### EXERCISE MATERIAL
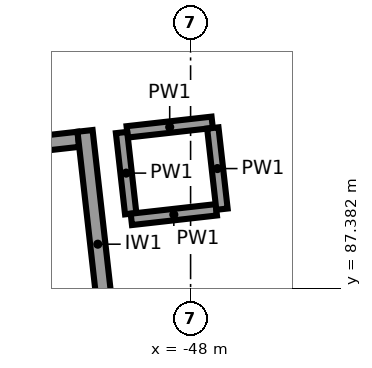
"""IFC4 building model, lengths in metres.
Left out: names, types, materials, properties, quantities, classifications, styles, units other than length and angle.
Written with IfcOpenShell. Run it as: python <this file> out.ifc"""

import sys

from ifc_helpers import new_model, si_unit, direction, frame, frame_2d, origin, place, context, subcontext, project, spatial, rectangle, extrude, element, save


model = new_model("IFC4")
c1 = context("Model", 3, precision=1e-05, world=origin(), true_north=direction((0.0, 1.0)))
c2 = subcontext(c1, "Body", "Model", "MODEL_VIEW")
j1 = project(units=[si_unit("LENGTHUNIT", "METRE"), si_unit("PLANEANGLEUNIT", "RADIAN")], contexts=[c1])
p1 = place(None, origin())
s1 = spatial("IfcSite", under=j1, at=p1, CompositionType="ELEMENT")
p2 = place(p1, origin())
s2 = spatial("IfcBuilding", under=s1, at=p2, CompositionType="ELEMENT")
p3 = place(p2, frame((0.0, 0.0, 12.0)))
s3 = spatial("IfcBuildingStorey", under=s2, at=p3, CompositionType="ELEMENT", Elevation=12.0)
p4 = place(p3, frame((-49.389, 89.454, 0.0), z_axis=(0.0, 0.0, 1.0), x_axis=(0.111976588553, -0.993710845073, 0.0)))
e1 = element("IfcWall", 1, at=p4, inside=s3, PredefinedType="SHEAR", context=c2, shape_type="SweptSolid", body=[
    extrude(rectangle(XDim=3.0, YDim=0.2, at=frame_2d((1.5, 0.0))), origin(), (0.0, 0.0, 1.0), 5.65),
])
p5 = place(p3, frame((-49.477, 89.343, 0.0), z_axis=(0.0, 0.0, 1.0), x_axis=(-0.993718105662, -0.11191213732, 0.0)))
e2 = element("IfcWall", 2, at=p5, inside=s3, PredefinedType="SHEAR", context=c2, shape_type="SweptSolid", body=[
    extrude(rectangle(XDim=1.9, YDim=0.2, at=frame_2d((0.95, 0.0))), origin(), (0.0, 0.0, 1.0), 5.65),
])
p6 = place(p3, frame((-47.716, 89.567, 0.0), z_axis=(0.0, 0.0, 1.0), x_axis=(-0.993710504932, -0.11197960702, 0.0)))
e3 = element("IfcWall", 3, at=p6, inside=s3, PredefinedType="PARTITIONING", context=c2, shape_type="SweptSolid", body=[
    extrude(rectangle(XDim=1.125, YDim=0.15, at=frame_2d((0.562, 0.0))), origin(), (0.0, 0.0, 1.0), 5.65),
])
p7 = place(p3, frame((-48.908, 89.432, 0.0), z_axis=(0.0, 0.0, 1.0), x_axis=(0.111951742856, -0.993713644503, 0.0)))
e4 = element("IfcWall", 4, at=p7, inside=s3, PredefinedType="PARTITIONING", context=c2, shape_type="SweptSolid", body=[
    extrude(rectangle(XDim=1.075, YDim=0.15, at=frame_2d((0.538, 0.0))), origin(), (0.0, 0.0, 1.0), 5.65),
])
p8 = place(p3, frame((-48.78, 88.29, 0.0), z_axis=(0.0, 0.0, 1.0), x_axis=(0.993710504932, 0.11197960702, 0.0)))
e5 = element("IfcWall", 5, at=p8, inside=s3, PredefinedType="PARTITIONING", context=c2, shape_type="SweptSolid", body=[
    extrude(rectangle(XDim=1.125, YDim=0.15, at=frame_2d((0.562, 0.0))), origin(), (0.0, 0.0, 1.0), 5.65),
])
p9 = place(p3, frame((-47.587, 88.424, 0.0), z_axis=(0.0, 0.0, 1.0), x_axis=(-0.111951742856, 0.993713644503, 0.0)))
e6 = element("IfcWall", 6, at=p9, inside=s3, PredefinedType="PARTITIONING", context=c2, shape_type="SweptSolid", body=[
    extrude(rectangle(XDim=1.075, YDim=0.15, at=frame_2d((0.538, 0.0))), origin(), (0.0, 0.0, 1.0), 5.65),
])
save(model, sys.argv[1])

### PROBLEM REQUIREMENTS
Each record above is to be written out exactly; the pictures are not.

### RESPONSE AREA
"""IFC4 building model, lengths in metres.
Left out: names, types, materials, properties, quantities, classifications, styles, units other than length and angle.
Written with IfcOpenShell. Run it as: python <this file> out.ifc"""

import sys

from ifc_helpers import new_model, si_unit, direction, frame, frame_2d, origin, place, context, subcontext, project, spatial, rectangle, extrude, element, save


model = new_model("IFC4")
c1 = context("Model", 3, precision=1e-05, world=origin(), true_north=direction((0.0, 1.0)))
c2 = subcontext(c1, "Body", "Model", "MODEL_VIEW")
j1 = project(units=[si_unit("LENGTHUNIT", "METRE"), si_unit("PLANEANGLEUNIT", "RADIAN")], contexts=[c1])
p1 = place(None, origin())
s1 = spatial("IfcSite", under=j1, at=p1, CompositionType="ELEMENT")
p2 = place(p1, origin())
s2 = spatial("IfcBuilding", under=s1, at=p2, CompositionType="ELEMENT")
p3 = place(p2, frame((0.0, 0.0, 12.0)))
s3 = spatial("IfcBuildingStorey", under=s2, at=p3, CompositionType="ELEMENT", Elevation=12.0)
p4 = place(p3, frame((-49.389, 89.454, 0.0), z_axis=(0.0, 0.0, 1.0), x_axis=(0.111976588553, -0.993710845073, 0.0)))
e1 = element("IfcWall", 1, at=p4, inside=s3, PredefinedType="SHEAR", context=c2, shape_type="SweptSolid", body=[
    extrude(rectangle(XDim=3.0, YDim=0.2, at=frame_2d((1.5, 0.0))), origin(), (0.0, 0.0, 1.0), 5.65),
])
p5 = place(p3, frame((-49.477, 89.343, 0.0), z_axis=(0.0, 0.0, 1.0), x_axis=(-0.993718105662, -0.11191213732, 0.0)))
e2 = element("IfcWall", 2, at=p5, inside=s3, PredefinedType="SHEAR", context=c2, shape_type="SweptSolid", body=[
    extrude(rectangle(XDim=1.9, YDim=0.2, at=frame_2d((0.95, 0.0))), origin(), (0.0, 0.0, 1.0), 5.65),
])
p6 = place(p3, frame((-47.716, 89.567, 0.0), z_axis=(0.0, 0.0, 1.0), x_axis=(-0.993710504932, -0.11197960702, 0.0)))
e3 = element("IfcWall", 3, at=p6, inside=s3, PredefinedType="PARTITIONING", context=c2, shape_type="SweptSolid", body=[
    extrude(rectangle(XDim=1.125, YDim=0.15, at=frame_2d((0.562, 0.0))), origin(), (0.0, 0.0, 1.0), 5.65),
])
p7 = place(p3, frame((-48.908, 89.432, 0.0), z_axis=(0.0, 0.0, 1.0), x_axis=(0.111951742856, -0.993713644503, 0.0)))
e4 = element("IfcWall", 4, at=p7, inside=s3, PredefinedType="PARTITIONING", context=c2, shape_type="SweptSolid", body=[
    extrude(rectangle(XDim=1.075, YDim=0.15, at=frame_2d((0.538, 0.0))), origin(), (0.0, 0.0, 1.0), 5.65),
])
p8 = place(p3, frame((-48.78, 88.29, 0.0), z_axis=(0.0, 0.0, 1.0), x_axis=(0.993710504932, 0.11197960702, 0.0)))
e5 = element("IfcWall", 5, at=p8, inside=s3, PredefinedType="PARTITIONING", context=c2, shape_type="SweptSolid", body=[
    extrude(rectangle(XDim=1.125, YDim=0.15, at=frame_2d((0.562, 0.0))), origin(), (0.0, 0.0, 1.0), 5.65),
])
p9 = place(p3, frame((-47.587, 88.424, 0.0), z_axis=(0.0, 0.0, 1.0), x_axis=(-0.111951742856, 0.993713644503, 0.0)))
e6 = element("IfcWall", 6, at=p9, inside=s3, PredefinedType="PARTITIONING", context=c2, shape_type="SweptSolid", body=[
    extrude(rectangle(XDim=1.075, YDim=0.15, at=frame_2d((0.538, 0.0))), origin(), (0.0, 0.0, 1.0), 5.65),
])
save(model, sys.argv[1])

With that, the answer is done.